### Action item
Copy out all lines of the records in which the word "IfcColumn" appears.

[Records from a data source]
____

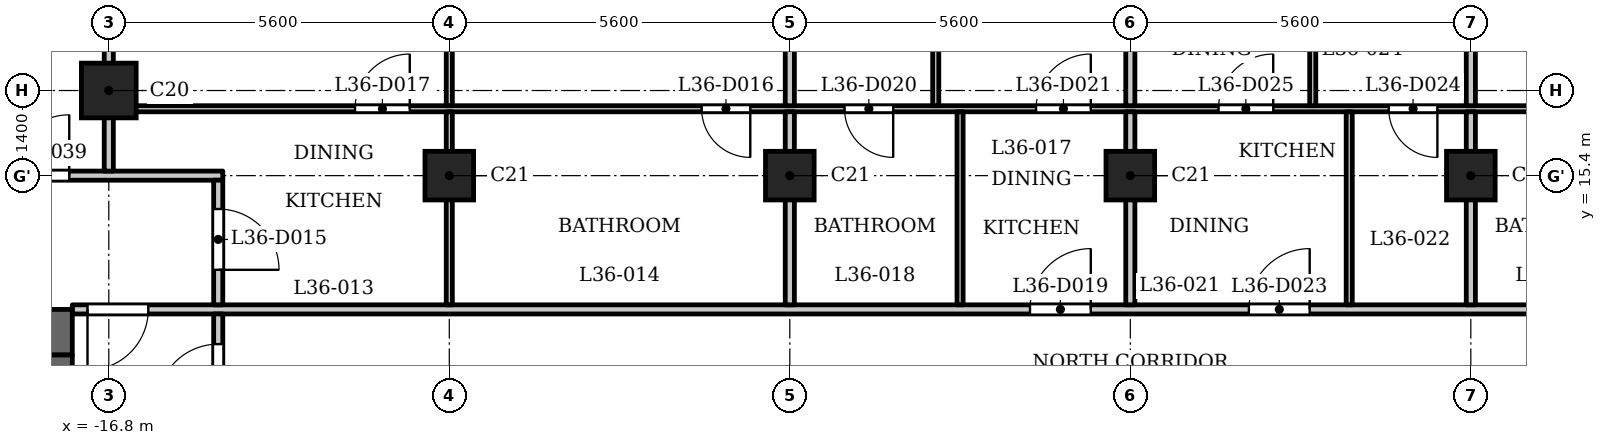
"""IFC4 building model, lengths in metres.
Left out: names, types, materials, properties, quantities, classifications, styles, units other than length and angle.
Written with IfcOpenShell. Run it as: python <this file> out.ifc"""

import sys

from ifc_helpers import new_model, si_unit, direction, frame, frame_2d, origin, origin_2d, place, context, subcontext, project, spatial, rectangle, extrude, element, fill, save


model = new_model("IFC4")
c1 = context("Model", 3, precision=1e-05, world=origin(), true_north=direction((0.0, 1.0)))
c2 = subcontext(c1, "Body", "Model", "MODEL_VIEW")
j1 = project(units=[si_unit("LENGTHUNIT", "METRE"), si_unit("PLANEANGLEUNIT", "RADIAN")], contexts=[c1])
p1 = place(None, origin())
s1 = spatial("IfcSite", under=j1, at=p1, CompositionType="ELEMENT")
p2 = place(p1, origin())
s2 = spatial("IfcBuilding", under=s1, at=p2, CompositionType="ELEMENT")
p3 = place(p2, frame((0.0, 0.0, 143.1)))
s3 = spatial("IfcBuildingStorey", under=s2, at=p3, CompositionType="ELEMENT", Elevation=143.1)
p4 = place(p3, frame((-16.8, 16.8, 0.0), z_axis=(0.0, 0.0, 1.0), x_axis=(1.0, 0.0, 0.0)))
e1 = element("IfcColumn", 1, at=p4, inside=s3, PredefinedType="COLUMN", context=c2, shape_type="SweptSolid", body=[
    extrude(rectangle(XDim=0.9, YDim=0.9, at=origin_2d()), origin(), (0.0, 0.0, 1.0), 3.5),
])
for number, where, z_axis, x_axis in (
    (2, (-11.2, 15.4, 0.0), (0.0, 0.0, 1.0), (1.0, 0.0, 0.0)),
    (3, (-5.6, 15.4, 0.0), (0.0, 0.0, 1.0), (1.0, 0.0, 0.0)),
    (4, (0.0, 15.4, 0.0), (0.0, 0.0, 1.0), (1.0, 0.0, 0.0)),
    (5, (5.6, 15.4, 0.0), (0.0, 0.0, 1.0), (1.0, 0.0, 0.0)),
):
    element("IfcColumn", number, at=place(p3, frame(where, z_axis=z_axis, x_axis=x_axis)), inside=s3, PredefinedType="COLUMN", context=c2, shape_type="SweptSolid", body=[
        extrude(rectangle(XDim=0.8, YDim=0.8, at=origin_2d()), origin(), (0.0, 0.0, 1.0), 3.5),
    ])
p5 = place(p3, frame((-17.4, 12.825, 0.0), z_axis=(0.0, 0.0, 1.0), x_axis=(-1.0, 0.0, 0.0)))
e6 = element("IfcWall", 6, at=p5, inside=s3, PredefinedType="SHEAR", context=c2, shape_type="SweptSolid", body=[
    extrude(rectangle(XDim=10.4, YDim=0.75, at=frame_2d((5.2, 0.0))), origin(), (0.0, 0.0, 1.0), 3.2),
])
p6 = place(p3, frame((-17.6, -12.45, 0.0), z_axis=(0.0, 0.0, 1.0), x_axis=(0.0, 1.0, 0.0)))
e7 = element("IfcWall", 7, at=p6, inside=s3, PredefinedType="SHEAR", context=c2, shape_type="SweptSolid", body=[
    extrude(rectangle(XDim=24.9, YDim=0.4, at=frame_2d((12.45, 0.0))), origin(), (0.0, 0.0, 1.0), 3.2),
])
p7 = place(p6, frame((8.65, 0.0, 0.0)))
e8 = element("IfcOpeningElement", 8, at=p7, cuts=e7, PredefinedType="OPENING", context=c2, shape_type="SweptSolid", body=[
    extrude(rectangle(XDim=0.9, YDim=2.1, at=frame_2d((0.45, 1.05))), frame((0.0, 0.21, 0.0), z_axis=(0.0, -1.0, 0.0), x_axis=(1.0, 0.0, 0.0)), (0.0, 0.0, 1.0), 0.42),
])
p8 = place(p6, frame((15.6, 0.0, 0.0)))
e9 = element("IfcOpeningElement", 9, at=p8, cuts=e7, PredefinedType="OPENING", context=c2, shape_type="SweptSolid", body=[
    extrude(rectangle(XDim=1.1, YDim=2.1, at=frame_2d((0.55, 1.05))), frame((0.0, 0.21, 0.0), z_axis=(0.0, -1.0, 0.0), x_axis=(1.0, 0.0, 0.0)), (0.0, 0.0, 1.0), 0.42),
])
p9 = place(p6, frame((18.0, 0.0, 0.0)))
e10 = element("IfcOpeningElement", 10, at=p9, cuts=e7, PredefinedType="OPENING", context=c2, shape_type="SweptSolid", body=[
    extrude(rectangle(XDim=1.1, YDim=2.1, at=frame_2d((0.55, 1.05))), frame((0.0, 0.21, 0.0), z_axis=(0.0, -1.0, 0.0), x_axis=(1.0, 0.0, 0.0)), (0.0, 0.0, 1.0), 0.42),
])
p10 = place(p6, frame((23.025, 0.0, 0.0)))
e11 = element("IfcOpeningElement", 11, at=p10, cuts=e7, PredefinedType="OPENING", context=c2, shape_type="SweptSolid", body=[
    extrude(rectangle(XDim=1.1, YDim=2.1, at=frame_2d((0.55, 1.05))), frame((0.0, 0.21, 0.0), z_axis=(0.0, -1.0, 0.0), x_axis=(1.0, 0.0, 0.0)), (0.0, 0.0, 1.0), 0.42),
])
p11 = place(p6, frame((0.775, 0.0, 0.0)))
e12 = element("IfcOpeningElement", 12, at=p11, cuts=e7, PredefinedType="OPENING", context=c2, shape_type="SweptSolid", body=[
    extrude(rectangle(XDim=1.1, YDim=2.1, at=frame_2d((0.55, 1.05))), frame((0.0, 0.21, 0.0), z_axis=(0.0, -1.0, 0.0), x_axis=(1.0, 0.0, 0.0)), (0.0, 0.0, 1.0), 0.42),
])
p12 = place(p6, frame((12.925, 0.0, 0.0)))
e13 = element("IfcOpeningElement", 13, at=p12, cuts=e7, PredefinedType="OPENING", context=c2, shape_type="SweptSolid", body=[
    extrude(rectangle(XDim=1.8, YDim=2.1, at=frame_2d((0.9, 1.05))), frame((0.0, 0.21, 0.0), z_axis=(0.0, -1.0, 0.0), x_axis=(1.0, 0.0, 0.0)), (0.0, 0.0, 1.0), 0.42),
])
p13 = place(p3, frame((-17.4, 13.2, 0.0), z_axis=(0.0, 0.0, 1.0), x_axis=(1.0, 0.0, 0.0)))
e14 = element("IfcWall", 14, at=p13, inside=s3, PredefinedType="PARTITIONING", context=c2, shape_type="SweptSolid", body=[
    extrude(rectangle(XDim=34.8, YDim=0.15, at=frame_2d((17.4, 0.0))), origin(), (0.0, 0.0, 1.0), 3.2),
])
p14 = place(p13, frame((0.25, 0.0, 0.0)))
e15 = element("IfcOpeningElement", 15, at=p14, cuts=e14, PredefinedType="OPENING", context=c2, shape_type="SweptSolid", body=[
    extrude(rectangle(XDim=1.0, YDim=2.1, at=frame_2d((0.5, 1.05))), frame((0.0, 0.085, 0.0), z_axis=(0.0, -1.0, 0.0), x_axis=(1.0, 0.0, 0.0)), (0.0, 0.0, 1.0), 0.17),
])
p15 = place(p13, frame((33.65, 0.0, 0.0)))
e16 = element("IfcOpeningElement", 16, at=p15, cuts=e14, PredefinedType="OPENING", context=c2, shape_type="SweptSolid", body=[
    extrude(rectangle(XDim=1.0, YDim=2.1, at=frame_2d((0.5, 1.05))), frame((0.0, 0.085, 0.0), z_axis=(0.0, -1.0, 0.0), x_axis=(1.0, 0.0, 0.0)), (0.0, 0.0, 1.0), 0.17),
])
p16 = place(p13, frame((15.75, 0.0, 0.0)))
e17 = element("IfcOpeningElement", 17, at=p16, cuts=e14, PredefinedType="OPENING", context=c2, shape_type="SweptSolid", body=[
    extrude(rectangle(XDim=1.0, YDim=2.1, at=frame_2d((0.5, 1.05))), frame((0.0, 0.085, 0.0), z_axis=(0.0, -1.0, 0.0), x_axis=(1.0, 0.0, 0.0)), (0.0, 0.0, 1.0), 0.17),
])
p17 = place(p13, frame((19.35, 0.0, 0.0)))
e18 = element("IfcOpeningElement", 18, at=p17, cuts=e14, PredefinedType="OPENING", context=c2, shape_type="SweptSolid", body=[
    extrude(rectangle(XDim=1.0, YDim=2.1, at=frame_2d((0.5, 1.05))), frame((0.0, 0.085, 0.0), z_axis=(0.0, -1.0, 0.0), x_axis=(1.0, 0.0, 0.0)), (0.0, 0.0, 1.0), 0.17),
])
p18 = place(p13, frame((26.95, 0.0, 0.0)))
e19 = element("IfcOpeningElement", 19, at=p18, cuts=e14, PredefinedType="OPENING", context=c2, shape_type="SweptSolid", body=[
    extrude(rectangle(XDim=1.0, YDim=2.1, at=frame_2d((0.5, 1.05))), frame((0.0, 0.085, 0.0), z_axis=(0.0, -1.0, 0.0), x_axis=(1.0, 0.0, 0.0)), (0.0, 0.0, 1.0), 0.17),
])
p19 = place(p13, frame((29.75, 0.0, 0.0)))
e20 = element("IfcOpeningElement", 20, at=p19, cuts=e14, PredefinedType="OPENING", context=c2, shape_type="SweptSolid", body=[
    extrude(rectangle(XDim=1.0, YDim=2.1, at=frame_2d((0.5, 1.05))), frame((0.0, 0.085, 0.0), z_axis=(0.0, -1.0, 0.0), x_axis=(1.0, 0.0, 0.0)), (0.0, 0.0, 1.0), 0.17),
])
p20 = place(p3, frame((-27.484, 15.4, 0.0), z_axis=(0.0, 0.0, 1.0), x_axis=(1.0, 0.0, 0.0)))
e21 = element("IfcWall", 21, at=p20, inside=s3, PredefinedType="PARTITIONING", context=c2, shape_type="SweptSolid", body=[
    extrude(rectangle(XDim=12.559, YDim=0.15, at=frame_2d((6.279, 0.0))), origin(), (0.0, 0.0, 1.0), 3.2),
])
p21 = place(p20, frame((9.034, 0.0, 0.0)))
e22 = element("IfcOpeningElement", 22, at=p21, cuts=e21, PredefinedType="OPENING", context=c2, shape_type="SweptSolid", body=[
    extrude(rectangle(XDim=1.0, YDim=2.1, at=frame_2d((0.5, 1.05))), frame((0.0, 0.085, 0.0), z_axis=(0.0, -1.0, 0.0), x_axis=(1.0, 0.0, 0.0)), (0.0, 0.0, 1.0), 0.17),
])
p22 = place(p3, frame((-16.725, 16.5, 0.0), z_axis=(0.0, 0.0, 1.0), x_axis=(1.0, 0.0, 0.0)))
e23 = element("IfcWall", 23, at=p22, inside=s3, PredefinedType="PARTITIONING", context=c2, shape_type="SweptSolid", body=[
    extrude(rectangle(XDim=33.45, YDim=0.1, at=frame_2d((16.725, 0.0))), origin(), (0.0, 0.0, 1.0), 3.2),
])
p23 = place(p22, frame((9.675, 0.0, 0.0)))
e24 = element("IfcOpeningElement", 24, at=p23, cuts=e23, PredefinedType="OPENING", context=c2, shape_type="SweptSolid", body=[
    extrude(rectangle(XDim=0.8, YDim=2.1, at=frame_2d((0.4, 1.05))), frame((0.0, 0.06, 0.0), z_axis=(0.0, -1.0, 0.0), x_axis=(1.0, 0.0, 0.0)), (0.0, 0.0, 1.0), 0.12),
])
p24 = place(p22, frame((3.975, 0.0, 0.0)))
e25 = element("IfcOpeningElement", 25, at=p24, cuts=e23, PredefinedType="OPENING", context=c2, shape_type="SweptSolid", body=[
    extrude(rectangle(XDim=0.9, YDim=2.1, at=frame_2d((0.45, 1.05))), frame((0.0, 0.06, 0.0), z_axis=(0.0, -1.0, 0.0), x_axis=(1.0, 0.0, 0.0)), (0.0, 0.0, 1.0), 0.12),
])
p25 = place(p22, frame((12.025, 0.0, 0.0)))
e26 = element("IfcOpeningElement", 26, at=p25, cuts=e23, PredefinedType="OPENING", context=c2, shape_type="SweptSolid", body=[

____

### Reply to the task
e1 = element("IfcColumn", 1, at=p4, inside=s3, PredefinedType="COLUMN", context=c2, shape_type="SweptSolid", body=[
    element("IfcColumn", number, at=place(p3, frame(where, z_axis=z_axis, x_axis=x_axis)), inside=s3, PredefinedType="COLUMN", context=c2, shape_type="SweptSolid", body=[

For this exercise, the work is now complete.